* [WORK INSTRUCTIONS]: From the entries below, return only the lines starting at the one that contains "fill(e2, e43)" and ending at the one that contains "p38 = place(p15, origin())", exactly as they stand.

──────

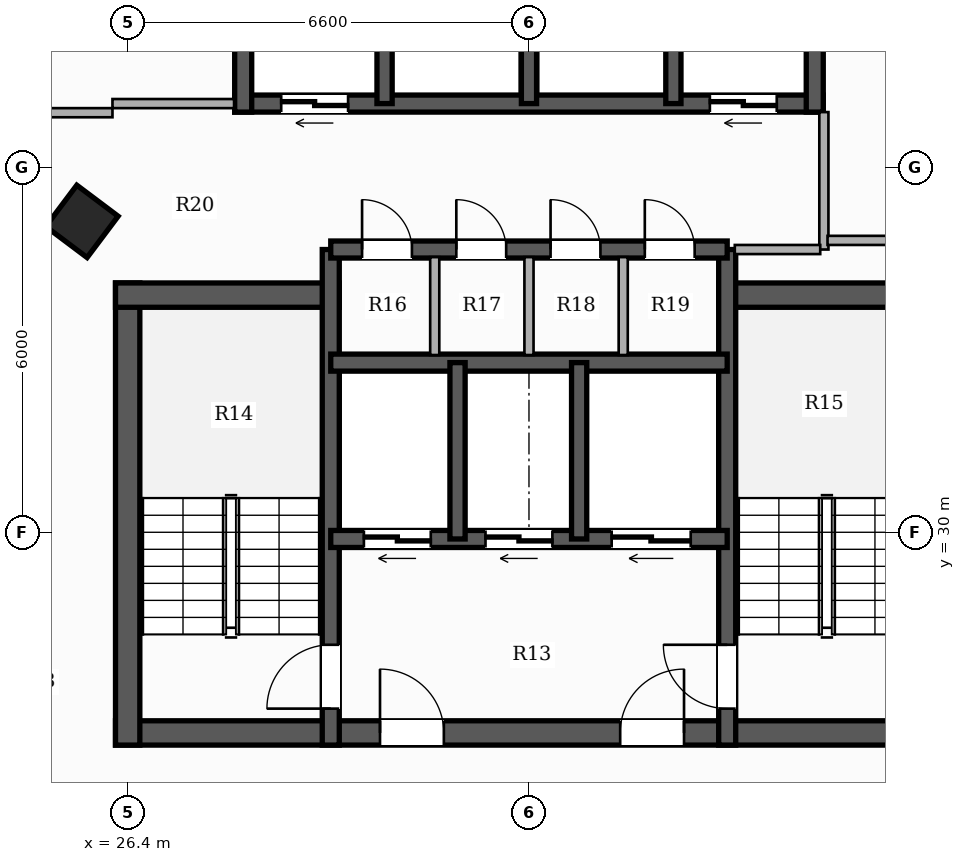
"""IFC4 building model, lengths in metres.
Left out: names, types, materials, properties, quantities, classifications, styles, units other than length and angle.
Written with IfcOpenShell. Run it as: python <this file> out.ifc"""

import sys

from ifc_helpers import new_model, si_unit, direction, frame, frame_2d, origin, origin_2d, place, context, subcontext, project, spatial, rectangle, hollow_rectangle, extrude, element, fill, save


model = new_model("IFC4")
c1 = context("Model", 3, precision=1e-05, world=origin(), true_north=direction((0.0, 1.0)))
c2 = subcontext(c1, "Body", "Model", "MODEL_VIEW")
j1 = project(units=[si_unit("LENGTHUNIT", "METRE"), si_unit("PLANEANGLEUNIT", "RADIAN")], contexts=[c1])
p1 = place(None, origin())
s1 = spatial("IfcSite", under=j1, at=p1, CompositionType="ELEMENT")
p2 = place(p1, origin())
s2 = spatial("IfcBuilding", under=s1, at=p2, CompositionType="ELEMENT")
p3 = place(p2, frame((0.0, 0.0, 133.1)))
s3 = spatial("IfcBuildingStorey", under=s2, at=p3, CompositionType="ELEMENT", Elevation=133.1)
p4 = place(p3, frame((26.2, 26.7, 0.0), z_axis=(0.0, 0.0, 1.0), x_axis=(1.0, 0.0, 0.0)))
e1 = element("IfcWall", 1, at=p4, inside=s3, PredefinedType="SHEAR", context=c2, shape_type="SweptSolid", body=[
    extrude(rectangle(XDim=13.6, YDim=0.4, at=frame_2d((6.8, 0.0))), origin(), (0.0, 0.0, 1.0), 3.3),
])
p5 = place(p4, frame((4.35, 0.0, 0.0)))
e2 = element("IfcOpeningElement", 2, at=p5, cuts=e1, PredefinedType="OPENING", context=c2, shape_type="SweptSolid", body=[
    extrude(rectangle(XDim=1.05, YDim=2.15, at=frame_2d((0.525, 1.075))), frame((0.0, 0.21, 0.0), z_axis=(0.0, -1.0, 0.0), x_axis=(1.0, 0.0, 0.0)), (0.0, 0.0, 1.0), 0.42),
])
p6 = place(p4, frame((8.3, 0.0, 0.0)))
e3 = element("IfcOpeningElement", 3, at=p6, cuts=e1, PredefinedType="OPENING", context=c2, shape_type="SweptSolid", body=[
    extrude(rectangle(XDim=1.05, YDim=2.15, at=frame_2d((0.525, 1.075))), frame((0.0, 0.21, 0.0), z_axis=(0.0, -1.0, 0.0), x_axis=(1.0, 0.0, 0.0)), (0.0, 0.0, 1.0), 0.42),
])
p7 = place(p3, frame((26.4, 26.5, 0.0), z_axis=(0.0, 0.0, 1.0), x_axis=(0.0, 1.0, 0.0)))
e4 = element("IfcWall", 4, at=p7, inside=s3, PredefinedType="SHEAR", context=c2, shape_type="SweptSolid", body=[
    extrude(rectangle(XDim=7.6, YDim=0.4, at=frame_2d((3.8, 0.0))), origin(), (0.0, 0.0, 1.0), 3.3),
])
for number, where, z_axis, x_axis in (
    (5, (26.2, 33.9, 0.0), (0.0, 0.0, 1.0), (1.0, 0.0, 0.0)),
    (6, (36.12, 33.9, 0.0), (0.0, 0.0, 1.0), (1.0, 0.0, 0.0)),
):
    element("IfcWall", number, at=place(p3, frame(where, z_axis=z_axis, x_axis=x_axis)), inside=s3, PredefinedType="SHEAR", context=c2, shape_type="SweptSolid", body=[
        extrude(rectangle(XDim=3.68, YDim=0.4, at=frame_2d((1.84, 0.0))), origin(), (0.0, 0.0, 1.0), 3.3),
    ])
p8 = place(p3, frame((29.74, 26.5, 0.0), z_axis=(0.0, 0.0, 1.0), x_axis=(0.0, 1.0, 0.0)))
e7 = element("IfcWall", 7, at=p8, inside=s3, PredefinedType="SHEAR", context=c2, shape_type="SweptSolid", body=[
    extrude(rectangle(XDim=8.15, YDim=0.28, at=frame_2d((4.075, 0.0))), origin(), (0.0, 0.0, 1.0), 3.3),
])
p9 = place(p8, frame((0.6, 0.0, 0.0)))
e8 = element("IfcOpeningElement", 8, at=p9, cuts=e7, PredefinedType="OPENING", context=c2, shape_type="SweptSolid", body=[
    extrude(rectangle(XDim=1.05, YDim=2.15, at=frame_2d((0.525, 1.075))), frame((0.0, 0.15, 0.0), z_axis=(0.0, -1.0, 0.0), x_axis=(1.0, 0.0, 0.0)), (0.0, 0.0, 1.0), 0.3),
])
p10 = place(p3, frame((36.26, 26.5, 0.0), z_axis=(0.0, 0.0, 1.0), x_axis=(0.0, 1.0, 0.0)))
e9 = element("IfcWall", 9, at=p10, inside=s3, PredefinedType="SHEAR", context=c2, shape_type="SweptSolid", body=[
    extrude(rectangle(XDim=8.15, YDim=0.28, at=frame_2d((4.075, 0.0))), origin(), (0.0, 0.0, 1.0), 3.3),
])
p11 = place(p10, frame((0.6, 0.0, 0.0)))
e10 = element("IfcOpeningElement", 10, at=p11, cuts=e9, PredefinedType="OPENING", context=c2, shape_type="SweptSolid", body=[
    extrude(rectangle(XDim=1.05, YDim=2.15, at=frame_2d((0.525, 1.075))), frame((0.0, 0.15, 0.0), z_axis=(0.0, -1.0, 0.0), x_axis=(1.0, 0.0, 0.0)), (0.0, 0.0, 1.0), 0.3),
])
p12 = place(p3, frame((36.26, 29.89, 0.0), z_axis=(0.0, 0.0, 1.0), x_axis=(-1.0, 0.0, 0.0)))
e11 = element("IfcWall", 11, at=p12, inside=s3, PredefinedType="SHEAR", context=c2, shape_type="SweptSolid", body=[
    extrude(rectangle(XDim=6.52, YDim=0.28, at=frame_2d((3.26, 0.0))), origin(), (0.0, 0.0, 1.0), 3.3),
])
p13 = place(p12, frame((4.875, 0.0, 0.0)))
e12 = element("IfcOpeningElement", 12, at=p13, cuts=e11, PredefinedType="OPENING", context=c2, shape_type="SweptSolid", body=[
    extrude(rectangle(XDim=1.1, YDim=2.2, at=frame_2d((0.55, 1.1))), frame((0.0, 0.15, 0.0), z_axis=(0.0, -1.0, 0.0), x_axis=(1.0, 0.0, 0.0)), (0.0, 0.0, 1.0), 0.3),
])
p14 = place(p12, frame((2.875, 0.0, 0.0)))
e13 = element("IfcOpeningElement", 13, at=p14, cuts=e11, PredefinedType="OPENING", context=c2, shape_type="SweptSolid", body=[
    extrude(rectangle(XDim=1.1, YDim=2.2, at=frame_2d((0.55, 1.1))), frame((0.0, 0.15, 0.0), z_axis=(0.0, -1.0, 0.0), x_axis=(1.0, 0.0, 0.0)), (0.0, 0.0, 1.0), 0.3),
])
p15 = place(p12, frame((0.6, 0.0, 0.0)))
e14 = element("IfcOpeningElement", 14, at=p15, cuts=e11, PredefinedType="OPENING", context=c2, shape_type="SweptSolid", body=[
    extrude(rectangle(XDim=1.3, YDim=2.2, at=frame_2d((0.65, 1.1))), frame((0.0, 0.15, 0.0), z_axis=(0.0, -1.0, 0.0), x_axis=(1.0, 0.0, 0.0)), (0.0, 0.0, 1.0), 0.3),
])
p16 = place(p3, frame((29.74, 32.79, 0.0), z_axis=(0.0, 0.0, 1.0), x_axis=(1.0, 0.0, 0.0)))
e15 = element("IfcWall", 15, at=p16, inside=s3, PredefinedType="SHEAR", context=c2, shape_type="SweptSolid", body=[
    extrude(rectangle(XDim=6.52, YDim=0.28, at=frame_2d((3.26, 0.0))), origin(), (0.0, 0.0, 1.0), 3.3),
])
for number, where, z_axis, x_axis in (
    (16, (31.825, 29.89, 0.0), (0.0, 0.0, 1.0), (0.0, 1.0, 0.0)),
    (17, (33.825, 29.89, 0.0), (0.0, 0.0, 1.0), (0.0, 1.0, 0.0)),
):
    element("IfcWall", number, at=place(p3, frame(where, z_axis=z_axis, x_axis=x_axis)), inside=s3, PredefinedType="SHEAR", context=c2, shape_type="SweptSolid", body=[
        extrude(rectangle(XDim=2.9, YDim=0.25, at=frame_2d((1.45, 0.0))), origin(), (0.0, 0.0, 1.0), 3.3),
    ])
p17 = place(p3, frame((29.74, 34.65, 0.0), z_axis=(0.0, 0.0, 1.0), x_axis=(1.0, 0.0, 0.0)))
e18 = element("IfcWall", 18, at=p17, inside=s3, PredefinedType="SHEAR", context=c2, shape_type="SweptSolid", body=[
    extrude(rectangle(XDim=6.52, YDim=0.28, at=frame_2d((3.26, 0.0))), origin(), (0.0, 0.0, 1.0), 3.3),
])
p18 = place(p17, frame((0.515, 0.0, 0.0)))
e19 = element("IfcOpeningElement", 19, at=p18, cuts=e18, PredefinedType="OPENING", context=c2, shape_type="SweptSolid", body=[
    extrude(rectangle(XDim=0.82, YDim=2.1, at=frame_2d((0.41, 1.05))), frame((0.0, 0.15, 0.0), z_axis=(0.0, -1.0, 0.0), x_axis=(1.0, 0.0, 0.0)), (0.0, 0.0, 1.0), 0.3),
])
p19 = place(p17, frame((2.065, 0.0, 0.0)))
e20 = element("IfcOpeningElement", 20, at=p19, cuts=e18, PredefinedType="OPENING", context=c2, shape_type="SweptSolid", body=[
    extrude(rectangle(XDim=0.82, YDim=2.1, at=frame_2d((0.41, 1.05))), frame((0.0, 0.15, 0.0), z_axis=(0.0, -1.0, 0.0), x_axis=(1.0, 0.0, 0.0)), (0.0, 0.0, 1.0), 0.3),
])
p20 = place(p17, frame((3.615, 0.0, 0.0)))
e21 = element("IfcOpeningElement", 21, at=p20, cuts=e18, PredefinedType="OPENING", context=c2, shape_type="SweptSolid", body=[
    extrude(rectangle(XDim=0.82, YDim=2.1, at=frame_2d((0.41, 1.05))), frame((0.0, 0.15, 0.0), z_axis=(0.0, -1.0, 0.0), x_axis=(1.0, 0.0, 0.0)), (0.0, 0.0, 1.0), 0.3),
])
p21 = place(p17, frame((5.165, 0.0, 0.0)))
e22 = element("IfcOpeningElement", 22, at=p21, cuts=e18, PredefinedType="OPENING", context=c2, shape_type="SweptSolid", body=[
    extrude(rectangle(XDim=0.82, YDim=2.1, at=frame_2d((0.41, 1.05))), frame((0.0, 0.15, 0.0), z_axis=(0.0, -1.0, 0.0), x_axis=(1.0, 0.0, 0.0)), (0.0, 0.0, 1.0), 0.3),
])
p22 = place(p3, frame((37.84, 37.05, 0.0), z_axis=(0.0, 0.0, 1.0), x_axis=(-1.0, 0.0, 0.0)))
e23 = element("IfcWall", 23, at=p22, inside=s3, PredefinedType="SHEAR", context=c2, shape_type="SweptSolid", body=[
    extrude(rectangle(XDim=9.68, YDim=0.28, at=frame_2d((4.84, 0.0))), origin(), (0.0, 0.0, 1.0), 3.3),
])
p23 = place(p22, frame((7.815, 0.0, 0.0)))
e24 = element("IfcOpeningElement", 24, at=p23, cuts=e23, PredefinedType="OPENING", context=c2, shape_type="SweptSolid", body=[
    extrude(rectangle(XDim=1.1, YDim=2.2, at=frame_2d((0.55, 1.1))), frame((0.0, 0.15, 0.0), z_axis=(0.0, -1.0, 0.0), x_axis=(1.0, 0.0, 0.0)), (0.0, 0.0, 1.0), 0.3),
])
p24 = place(p22, frame((0.765, 0.0, 0.0)))
e25 = element("IfcOpeningElement", 25, at=p24, cuts=e23, PredefinedType="OPENING", context=c2, shape_type="SweptSolid", body=[
    extrude(rectangle(XDim=1.1, YDim=2.2, at=frame_2d((0.55, 1.1))), frame((0.0, 0.15, 0.0), z_axis=(0.0, -1.0, 0.0), x_axis=(1.0, 0.0, 0.0)), (0.0, 0.0, 1.0), 0.3),
])
for number, where, z_axis, x_axis in (
    (26, (28.3, 36.91, 0.0), (0.0, 0.0, 1.0), (0.0, 1.0, 0.0)),
    (27, (37.7, 36.91, 0.0), (0.0, 0.0, 1.0), (0.0, 1.0, 0.0)),
):
    element("IfcWall", number, at=place(p3, frame(where, z_axis=z_axis, x_axis=x_axis)), inside=s3, PredefinedType="SHEAR", context=c2, shape_type="SweptSolid", body=[
        extrude(rectangle(XDim=2.83, YDim=0.28, at=frame_2d((1.415, 0.0))), origin(), (0.0, 0.0, 1.0), 3.3),
    ])
for number, where, z_axis, x_axis in (
    (28, (30.625, 37.05, 0.0), (0.0, 0.0, 1.0), (0.0, 1.0, 0.0)),
    (29, (33.0, 37.05, 0.0), (0.0, 0.0, 1.0), (0.0, 1.0, 0.0)),
    (30, (35.375, 37.05, 0.0), (0.0, 0.0, 1.0), (0.0, 1.0, 0.0)),
):
    element("IfcWall", number, at=place(p3, frame(where, z_axis=z_axis, x_axis=x_axis)), inside=s3, PredefinedType="SHEAR", context=c2, shape_type="SweptSolid", body=[
        extrude(rectangle(XDim=2.55, YDim=0.25, at=frame_2d((1.275, 0.0))), origin(), (0.0, 0.0, 1.0), 3.3),
    ])
p25 = place(p3, frame((25.648, 35.113, 0.0), z_axis=(0.0, 0.0, 1.0), x_axis=(0.600420225326, 0.799684658487, 0.0)))
e31 = element("IfcColumn", 31, at=p25, inside=s3, PredefinedType="COLUMN", context=c2, shape_type="SweptSolid", body=[
    extrude(hollow_rectangle(XDim=0.85, YDim=0.85, WallThickness=0.028, at=origin_2d()), origin(), (0.0, 0.0, 1.0), 3.3),
])
p26 = place(p3, frame((37.85, 34.65, 0.0), z_axis=(0.0, 0.0, 1.0), x_axis=(0.0, 1.0, 0.0)))
e32 = element("IfcWall", 32, at=p26, inside=s3, PredefinedType="PARTITIONING", context=c2, shape_type="SweptSolid", body=[
    extrude(rectangle(XDim=2.26, YDim=0.15, at=frame_2d((1.13, 0.0))), origin(), (0.0, 0.0, 1.0), 3.06),
])
p27 = place(p3, frame((36.385, 34.65, 0.0), z_axis=(0.0, 0.0, 1.0), x_axis=(1.0, 0.0, 0.0)))
e33 = element("IfcWall", 33, at=p27, inside=s3, PredefinedType="PARTITIONING", context=c2, shape_type="SweptSolid", body=[
    extrude(rectangle(XDim=1.405, YDim=0.15, at=frame_2d((0.703, 0.0))), origin(), (0.0, 0.0, 1.0), 2.425),
])
for number, where, z_axis, x_axis in (
    (34, (31.45, 32.915, 0.0), (0.0, 0.0, 1.0), (0.0, 1.0, 0.0)),
    (35, (33.0, 32.915, 0.0), (0.0, 0.0, 1.0), (0.0, 1.0, 0.0)),
    (36, (34.55, 32.915, 0.0), (0.0, 0.0, 1.0), (0.0, 1.0, 0.0)),
):
    element("IfcWall", number, at=place(p3, frame(where, z_axis=z_axis, x_axis=x_axis)), inside=s3, PredefinedType="PARTITIONING", context=c2, shape_type="SweptSolid", body=[
        extrude(rectangle(XDim=1.61, YDim=0.15, at=frame_2d((0.805, 0.0))), origin(), (0.0, 0.0, 1.0), 3.06),
    ])
p28 = place(p3, frame((23.56, 36.9, 0.0), z_axis=(0.0, 0.0, 1.0), x_axis=(1.0, 0.0, 0.0)))
e37 = element("IfcWall", 37, at=p28, inside=s3, PredefinedType="PARTITIONING", context=c2, shape_type="SweptSolid", body=[
    extrude(rectangle(XDim=2.59, YDim=0.15, at=frame_2d((1.295, 0.0))), origin(), (0.0, 0.0, 1.0), 2.413),
])
p29 = place(p28, frame((0.515, 0.0, 0.0)))
e38 = element("IfcOpeningElement", 38, at=p29, cuts=e37, PredefinedType="OPENING", context=c2, shape_type="SweptSolid", body=[
    extrude(rectangle(XDim=0.88, YDim=2.1, at=frame_2d((0.44, 1.05))), frame((0.0, 0.085, 0.0), z_axis=(0.0, -1.0, 0.0), x_axis=(1.0, 0.0, 0.0)), (0.0, 0.0, 1.0), 0.17),
])
p30 = place(p3, frame((26.15, 37.05, 0.0), z_axis=(0.0, 0.0, 1.0), x_axis=(1.0, 0.0, 0.0)))
e39 = element("IfcWall", 39, at=p30, inside=s3, PredefinedType="PARTITIONING", context=c2, shape_type="SweptSolid", body=[
    extrude(rectangle(XDim=2.0, YDim=0.15, at=frame_2d((1.0, 0.0))), origin(), (0.0, 0.0, 1.0), 2.413),
])
p31 = place(p3, frame((37.91, 34.8, 0.0), z_axis=(0.0, 0.0, 1.0), x_axis=(1.0, 0.0, 0.0)))
e40 = element("IfcWall", 40, at=p31, inside=s3, PredefinedType="PARTITIONING", context=c2, shape_type="SweptSolid", body=[
    extrude(rectangle(XDim=1.94, YDim=0.15, at=frame_2d((0.97, 0.0))), origin(), (0.0, 0.0, 1.0), 2.721),
])
p32 = place(p9, origin())
e41 = element("IfcDoor", 41, at=p32, inside=s3, OperationType="SINGLE_SWING_LEFT", PredefinedType="DOOR", context=c2, shape_type="SweptSolid", body=[
    extrude(rectangle(XDim=1.05, YDim=2.15, at=frame_2d((0.525, 1.075))), frame((0.0, 0.025, 0.0), z_axis=(0.0, -1.0, 0.0), x_axis=(1.0, 0.0, 0.0)), (0.0, 0.0, 1.0), 0.05),
])
fill(e8, e41)
p33 = place(p11, origin())
e42 = element("IfcDoor", 42, at=p33, inside=s3, OperationType="SINGLE_SWING_RIGHT", PredefinedType="DOOR", context=c2, shape_type="SweptSolid", body=[
    extrude(rectangle(XDim=1.05, YDim=2.15, at=frame_2d((0.525, 1.075))), frame((0.0, 0.025, 0.0), z_axis=(0.0, -1.0, 0.0), x_axis=(1.0, 0.0, 0.0)), (0.0, 0.0, 1.0), 0.05),
])
fill(e10, e42)
p34 = place(p5, origin())
e43 = element("IfcDoor", 43, at=p34, inside=s3, OperationType="SINGLE_SWING_LEFT", PredefinedType="DOOR", context=c2, shape_type="SweptSolid", body=[
    extrude(rectangle(XDim=1.05, YDim=2.15, at=frame_2d((0.525, 1.075))), frame((0.0, 0.025, 0.0), z_axis=(0.0, -1.0, 0.0), x_axis=(1.0, 0.0, 0.0)), (0.0, 0.0, 1.0), 0.05),
])
fill(e2, e43)
p35 = place(p6, origin())
e44 = element("IfcDoor", 44, at=p35, inside=s3, OperationType="SINGLE_SWING_RIGHT", PredefinedType="DOOR", context=c2, shape_type="SweptSolid", body=[
    extrude(rectangle(XDim=1.05, YDim=2.15, at=frame_2d((0.525, 1.075))), frame((0.0, 0.025, 0.0), z_axis=(0.0, -1.0, 0.0), x_axis=(1.0, 0.0, 0.0)), (0.0, 0.0, 1.0), 0.05),
])
fill(e3, e44)
p36 = place(p13, origin())
e45 = element("IfcDoor", 45, at=p36, inside=s3, OperationType="DOUBLE_DOOR_SLIDING", PredefinedType="DOOR", context=c2, shape_type="SweptSolid", body=[
    extrude(rectangle(XDim=1.1, YDim=2.2, at=frame_2d((0.55, 1.1))), frame((0.0, 0.025, 0.0), z_axis=(0.0, -1.0, 0.0), x_axis=(1.0, 0.0, 0.0)), (0.0, 0.0, 1.0), 0.05),
])
fill(e12, e45)
p37 = place(p14, origin())
e46 = element("IfcDoor", 46, at=p37, inside=s3, OperationType="DOUBLE_DOOR_SLIDING", PredefinedType="DOOR", context=c2, shape_type="SweptSolid", body=[
    extrude(rectangle(XDim=1.1, YDim=2.2, at=frame_2d((0.55, 1.1))), frame((0.0, 0.025, 0.0), z_axis=(0.0, -1.0, 0.0), x_axis=(1.0, 0.0, 0.0)), (0.0, 0.0, 1.0), 0.05),
])
fill(e13, e46)
p38 = place(p15, origin())
e47 = element("IfcDoor", 47, at=p38, inside=s3, OperationType="DOUBLE_DOOR_SLIDING", PredefinedType="DOOR", context=c2, shape_type="SweptSolid", body=[
    extrude(rectangle(XDim=1.3, YDim=2.2, at=frame_2d((0.65, 1.1))), frame((0.0, 0.025, 0.0), z_axis=(0.0, -1.0, 0.0), x_axis=(1.0, 0.0, 0.0)), (0.0, 0.0, 1.0), 0.05),
])
fill(e14, e47)
p39 = place(p23, origin())
e48 = element("IfcDoor", 48, at=p39, inside=s3, OperationType="DOUBLE_DOOR_SLIDING", PredefinedType="DOOR", context=c2, shape_type="SweptSolid", body=[
    extrude(rectangle(XDim=1.1, YDim=2.2, at=frame_2d((0.55, 1.1))), frame((0.0, 0.025, 0.0), z_axis=(0.0, -1.0, 0.0), x_axis=(1.0, 0.0, 0.0)), (0.0, 0.0, 1.0), 0.05),
])
fill(e24, e48)
p40 = place(p24, origin())
e49 = element("IfcDoor", 49, at=p40, inside=s3, OperationType="DOUBLE_DOOR_SLIDING", PredefinedType="DOOR", context=c2, shape_type="SweptSolid", body=[
    extrude(rectangle(XDim=1.1, YDim=2.2, at=frame_2d((0.55, 1.1))), frame((0.0, 0.025, 0.0), z_axis=(0.0, -1.0, 0.0), x_axis=(1.0, 0.0, 0.0)), (0.0, 0.0, 1.0), 0.05),
])
fill(e25, e49)
p41 = place(p18, origin())
e50 = element("IfcDoor", 50, at=p41, inside=s3, OperationType="SINGLE_SWING_LEFT", PredefinedType="DOOR", context=c2, shape_type="SweptSolid", body=[
    extrude(rectangle(XDim=0.82, YDim=2.1, at=frame_2d((0.41, 1.05))), frame((0.0, 0.025, 0.0), z_axis=(0.0, -1.0, 0.0), x_axis=(1.0, 0.0, 0.0)), (0.0, 0.0, 1.0), 0.05),
])
fill(e19, e50)
p42 = place(p19, origin())
e51 = element("IfcDoor", 51, at=p42, inside=s3, OperationType="SINGLE_SWING_LEFT", PredefinedType="DOOR", context=c2, shape_type="SweptSolid", body=[
    extrude(rectangle(XDim=0.82, YDim=2.1, at=frame_2d((0.41, 1.05))), frame((0.0, 0.025, 0.0), z_axis=(0.0, -1.0, 0.0), x_axis=(1.0, 0.0, 0.0)), (0.0, 0.0, 1.0), 0.05),
])
fill(e20, e51)
p43 = place(p20, origin())
e52 = element("IfcDoor", 52, at=p43, inside=s3, OperationType="SINGLE_SWING_LEFT", PredefinedType="DOOR", context=c2, shape_type="SweptSolid", body=[
    extrude(rectangle(XDim=0.82, YDim=2.1, at=frame_2d((0.41, 1.05))), frame((0.0, 0.025, 0.0), z_axis=(0.0, -1.0, 0.0), x_axis=(1.0, 0.0, 0.0)), (0.0, 0.0, 1.0), 0.05),
])
fill(e21, e52)
p44 = place(p21, origin())
e53 = element("IfcDoor", 53, at=p44, inside=s3, OperationType="SINGLE_SWING_LEFT", PredefinedType="DOOR", context=c2, shape_type="SweptSolid", body=[
    extrude(rectangle(XDim=0.82, YDim=2.1, at=frame_2d((0.41, 1.05))), frame((0.0, 0.025, 0.0), z_axis=(0.0, -1.0, 0.0), x_axis=(1.0, 0.0, 0.0)), (0.0, 0.0, 1.0), 0.05),
])
fill(e22, e53)
save(model, sys.argv[1])

──────

* [EXERCISE ANSWER]:
fill(e2, e43)
p35 = place(p6, origin())
e44 = element("IfcDoor", 44, at=p35, inside=s3, OperationType="SINGLE_SWING_RIGHT", PredefinedType="DOOR", context=c2, shape_type="SweptSolid", body=[
    extrude(rectangle(XDim=1.05, YDim=2.15, at=frame_2d((0.525, 1.075))), frame((0.0, 0.025, 0.0), z_axis=(0.0, -1.0, 0.0), x_axis=(1.0, 0.0, 0.0)), (0.0, 0.0, 1.0), 0.05),
])
fill(e3, e44)
p36 = place(p13, origin())
e45 = element("IfcDoor", 45, at=p36, inside=s3, OperationType="DOUBLE_DOOR_SLIDING", PredefinedType="DOOR", context=c2, shape_type="SweptSolid", body=[
    extrude(rectangle(XDim=1.1, YDim=2.2, at=frame_2d((0.55, 1.1))), frame((0.0, 0.025, 0.0), z_axis=(0.0, -1.0, 0.0), x_axis=(1.0, 0.0, 0.0)), (0.0, 0.0, 1.0), 0.05),
])
fill(e12, e45)
p37 = place(p14, origin())
e46 = element("IfcDoor", 46, at=p37, inside=s3, OperationType="DOUBLE_DOOR_SLIDING", PredefinedType="DOOR", context=c2, shape_type="SweptSolid", body=[
    extrude(rectangle(XDim=1.1, YDim=2.2, at=frame_2d((0.55, 1.1))), frame((0.0, 0.025, 0.0), z_axis=(0.0, -1.0, 0.0), x_axis=(1.0, 0.0, 0.0)), (0.0, 0.0, 1.0), 0.05),
])
fill(e13, e46)
p38 = place(p15, origin())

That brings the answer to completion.